The task
In the records that follow, find the line with "#10=CARTESIAN_POINT('',(0.8137,53.098,41.011));"; from there, retype every line exactly through the line with "#17=EDGE_CURVE('',#9,#11,#16,.T.);", which also belongs to the answer.
Extracted data section start
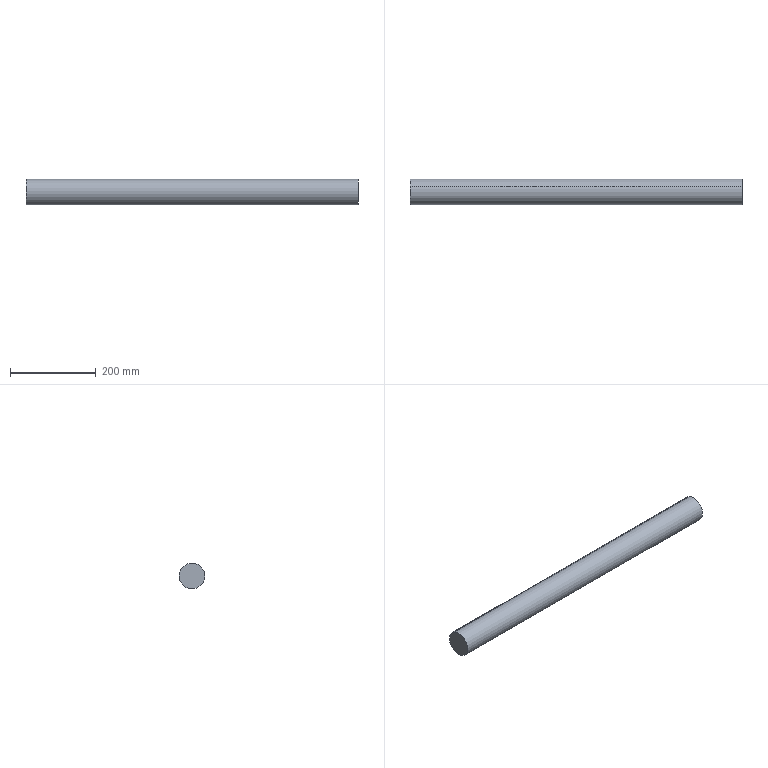Component | SolidWorks | SpindleBody-1 | 1 solid | 4 faces | box 772.78 x 60 x 60 mm | volume 2184983 mm3 | cylinder 2 | plane 2 | commonest cylinder face diameters 60 x2
build123d program:
from build123d import *

# Parameters (mm, degrees)
SKETCH1_W                         = 30
SKETCH1_H                         = 824.927
SKETCH2_R                         = 31
REPAIR_SEATINDRIVESHAFTBORE_DEPTH = 26.694


with BuildPart() as part:
    # Sketch1 → Revolve1 (revolve)
    with BuildSketch(Plane.XZ, mode=Mode.PRIVATE) as revolve1_sk:
        with Locations((-65.53, -159.684)):
            Rectangle(SKETCH1_W, SKETCH1_H)
    revolve(revolve1_sk.sketch.rotate(Axis((-80.53, 0, 252.78), (0, 0, -1)), 180), axis=Axis((-80.53, 0, 252.78), (0, 0, -1)))

    # Sketch2 → Repair_SeatInDriveShaftBore (cut, symmetric)
    with BuildSketch(Plane.XY.offset(-546.694)):
        with Locations((-80.53, 0)):
            Circle(SKETCH2_R)
    extrude(amount=REPAIR_SEATINDRIVESHAFTBORE_DEPTH, both=True, mode=Mode.SUBTRACT)


solid = part.part

# Placed as in the assembly
solid = solid.moved(Location((-232.112, 1335.766, 934.067), (0, 90, 0)))
STEP:
#1=COLOUR_RGB('',0.7922,0.8196,0.9333);
#2=FILL_AREA_STYLE_COLOUR('',#1);
#3=FILL_AREA_STYLE('',(#2));
#4=SURFACE_STYLE_FILL_AREA(#3);
#5=SURFACE_SIDE_STYLE('',(#4));
#6=SURFACE_STYLE_USAGE(.BOTH.,#5);
#7=PRESENTATION_STYLE_ASSIGNMENT((#6));
#8=CARTESIAN_POINT('',(0.8137,52.081,38.879));
#9=VERTEX_POINT('',#8);
#10=CARTESIAN_POINT('',(0.8137,53.098,41.011));
#11=VERTEX_POINT('',#10);
#12=CARTESIAN_POINT('',(0.8137,52.589,39.945));
#13=DIRECTION('',(-1.,0.,0.));
#14=DIRECTION('',(0.,-0.4306,-0.9025));
#15=AXIS2_PLACEMENT_3D('',#12,#13,#14);
#16=CIRCLE('',#15,1.181);
#17=EDGE_CURVE('',#9,#11,#16,.T.);
#18=ORIENTED_EDGE('',*,*,#17,.T.);
#19=CARTESIAN_POINT('',(-29.611,53.098,41.011));
#20=VERTEX_POINT('',#19);
#21=CARTESIAN_POINT('',(0.8137,53.098,41.011));
#22=DIRECTION('',(-1.,0.,0.));
#23=VECTOR('',#22,39.37);
#24=LINE('',#21,#23);
#25=EDGE_CURVE('',#11,#20,#24,.T.);
#26=ORIENTED_EDGE('',*,*,#25,.T.);
#27=CARTESIAN_POINT('',(-29.611,52.081,38.879));
#28=VERTEX_POINT('',#27);
#29=CARTESIAN_POINT('',(-29.611,52.589,39.945));
#30=DIRECTION('',(-1.,0.,0.));
#31=DIRECTION('',(0.,0.4306,0.9025));
#32=AXIS2_PLACEMENT_3D('',#29,#30,#31);
#33=CIRCLE('',#32,1.181);
#34=EDGE_CURVE('',#28,#20,#33,.T.);
#35=ORIENTED_EDGE('',*,*,#34,.F.);
#36=CARTESIAN_POINT('',(0.8137,52.081,38.879));
#37=DIRECTION('',(-1.,0.,0.));
#38=VECTOR('',#37,39.37);
#39=LINE('',#36,#38);
#40=EDGE_CURVE('',#9,#28,#39,.T.);
#41=ORIENTED_EDGE('',*,*,#40,.F.);
#42=EDGE_LOOP('',(#18,#26,#35,#41));
#43=FACE_OUTER_BOUND('',#42,.T.);
#44=CARTESIAN_POINT('',(0.8137,52.589,39.945));
#45=DIRECTION('',(-1.,0.,0.));
#46=DIRECTION('',(0.,-0.4306,-0.9025));
#47=AXIS2_PLACEMENT_3D('',#44,#45,#46);
#48=CYLINDRICAL_SURFACE('',#47,1.181);
#49=ADVANCED_FACE('',(#43),#48,.T.);
#50=ORIENTED_EDGE('',*,*,#25,.F.);
#51=CARTESIAN_POINT('',(0.8137,52.589,39.945));
#52=DIRECTION('',(-1.,0.,0.));
#53=DIRECTION('',(0.,-0.4306,-0.9025));
#54=AXIS2_PLACEMENT_3D('',#51,#52,#53);
#55=CIRCLE('',#54,1.181);
#56=EDGE_CURVE('',#11,#9,#55,.T.);
#57=ORIENTED_EDGE('',*,*,#56,.T.);
#58=ORIENTED_EDGE('',*,*,#40,.T.);
#59=CARTESIAN_POINT('',(-29.611,52.589,39.945));
#60=DIRECTION('',(-1.,0.,0.));
#61=DIRECTION('',(0.,0.4306,0.9025));
#62=AXIS2_PLACEMENT_3D('',#59,#60,#61);
#63=CIRCLE('',#62,1.181);
#64=EDGE_CURVE('',#20,#28,#63,.T.);
#65=ORIENTED_EDGE('',*,*,#64,.F.);
#66=EDGE_LOOP('',(#50,#57,#58,#65));
#67=FACE_OUTER_BOUND('',#66,.T.);
#68=CARTESIAN_POINT('',(0.8137,52.589,39.945));
#69=DIRECTION('',(-1.,0.,0.));
#70=DIRECTION('',(0.,-0.4306,-0.9025));
#71=AXIS2_PLACEMENT_3D('',#68,#69,#70);
#72=CYLINDRICAL_SURFACE('',#71,1.181);
#73=ADVANCED_FACE('',(#67),#72,.T.);
#74=ORIENTED_EDGE('',*,*,#17,.F.);
#75=ORIENTED_EDGE('',*,*,#56,.F.);
#76=EDGE_LOOP('',(#74,#75));
#77=FACE_OUTER_BOUND('',#76,.T.);
#78=CARTESIAN_POINT('',(0.8137,53.098,41.011));
#79=DIRECTION('',(1.,0.,0.));
#80=DIRECTION('',(0.,0.4306,0.9025));
#81=AXIS2_PLACEMENT_3D('',#78,#79,#80);
#82=PLANE('',#81);
#83=ADVANCED_FACE('',(#77),#82,.T.);
#84=ORIENTED_EDGE('',*,*,#34,.T.);
#85=ORIENTED_EDGE('',*,*,#64,.T.);
#86=EDGE_LOOP('',(#84,#85));
#87=FACE_OUTER_BOUND('',#86,.T.);
#88=CARTESIAN_POINT('',(-29.611,52.589,39.945));
#89=DIRECTION('',(1.,0.,0.));
#90=DIRECTION('',(0.,0.4306,0.9025));
#91=AXIS2_PLACEMENT_3D('',#88,#89,#90);
#92=PLANE('',#91);
#93=ADVANCED_FACE('',(#87),#92,.F.);
#94=CLOSED_SHELL('',(#49,#73,#83,#93));
#95=MANIFOLD_SOLID_BREP('',#94);
#96=STYLED_ITEM('',(#7),#95);
#97=(LENGTH_UNIT()NAMED_UNIT(*)SI_UNIT($,.METRE.));
#98=LENGTH_MEASURE_WITH_UNIT(LENGTH_MEASURE(0.0254),#97);
#99=DIMENSIONAL_EXPONENTS(1.,0.,0.,0.,0.,0.,0.);
#100=(CONVERSION_BASED_UNIT('',#98)LENGTH_UNIT()NAMED_UNIT(#99));
#101=UNCERTAINTY_MEASURE_WITH_UNIT(LENGTH_MEASURE(0.00001),#100,'','');
#102=(NAMED_UNIT(*)PLANE_ANGLE_UNIT()SI_UNIT($,.RADIAN.));
#103=(NAMED_UNIT(*)SI_UNIT($,.STERADIAN.)SOLID_ANGLE_UNIT());
#104=(GEOMETRIC_REPRESENTATION_CONTEXT(3)GLOBAL_UNCERTAINTY_ASSIGNED_CONTEXT((#101))GLOBAL_UNIT_ASSIGNED_CONTEXT((#100,#102,#103))REPRESENTATION_CONTEXT('',''));
#105=MECHANICAL_DESIGN_GEOMETRIC_PRESENTATION_REPRESENTATION('',(#96),#104);
#106=CARTESIAN_POINT('',(0.,0.,0.));
#107=DIRECTION('',(0.,0.,1.));
#108=DIRECTION('',(1.,0.,0.));
#109=AXIS2_PLACEMENT_3D('',#106,#107,#108);
#110=(LENGTH_UNIT()NAMED_UNIT(*)SI_UNIT($,.METRE.));
#111=LENGTH_MEASURE_WITH_UNIT(LENGTH_MEASURE(0.0254),#110);
#112=DIMENSIONAL_EXPONENTS(1.,0.,0.,0.,0.,0.,0.);
#113=(CONVERSION_BASED_UNIT('',#111)LENGTH_UNIT()NAMED_UNIT(#112));
#114=UNCERTAINTY_MEASURE_WITH_UNIT(LENGTH_MEASURE(0.00001),#113,'','');
#115=(NAMED_UNIT(*)PLANE_ANGLE_UNIT()SI_UNIT($,.RADIAN.));
#116=(NAMED_UNIT(*)SI_UNIT($,.STERADIAN.)SOLID_ANGLE_UNIT());
#117=(GEOMETRIC_REPRESENTATION_CONTEXT(3)GLOBAL_UNCERTAINTY_ASSIGNED_CONTEXT((#114))GLOBAL_UNIT_ASSIGNED_CONTEXT((#113,#115,#116))REPRESENTATION_CONTEXT('',''));
#118=ADVANCED_BREP_SHAPE_REPRESENTATION('',(#95,#109),#117);
#119=PRESENTATION_LAYER_ASSIGNMENT('','',(#96));
Extracted data section end
Task answer
#10=CARTESIAN_POINT('',(0.8137,53.098,41.011));
#11=VERTEX_POINT('',#10);
#12=CARTESIAN_POINT('',(0.8137,52.589,39.945));
#13=DIRECTION('',(-1.,0.,0.));
#14=DIRECTION('',(0.,-0.4306,-0.9025));
#15=AXIS2_PLACEMENT_3D('',#12,#13,#14);
#16=CIRCLE('',#15,1.181);
#17=EDGE_CURVE('',#9,#11,#16,.T.);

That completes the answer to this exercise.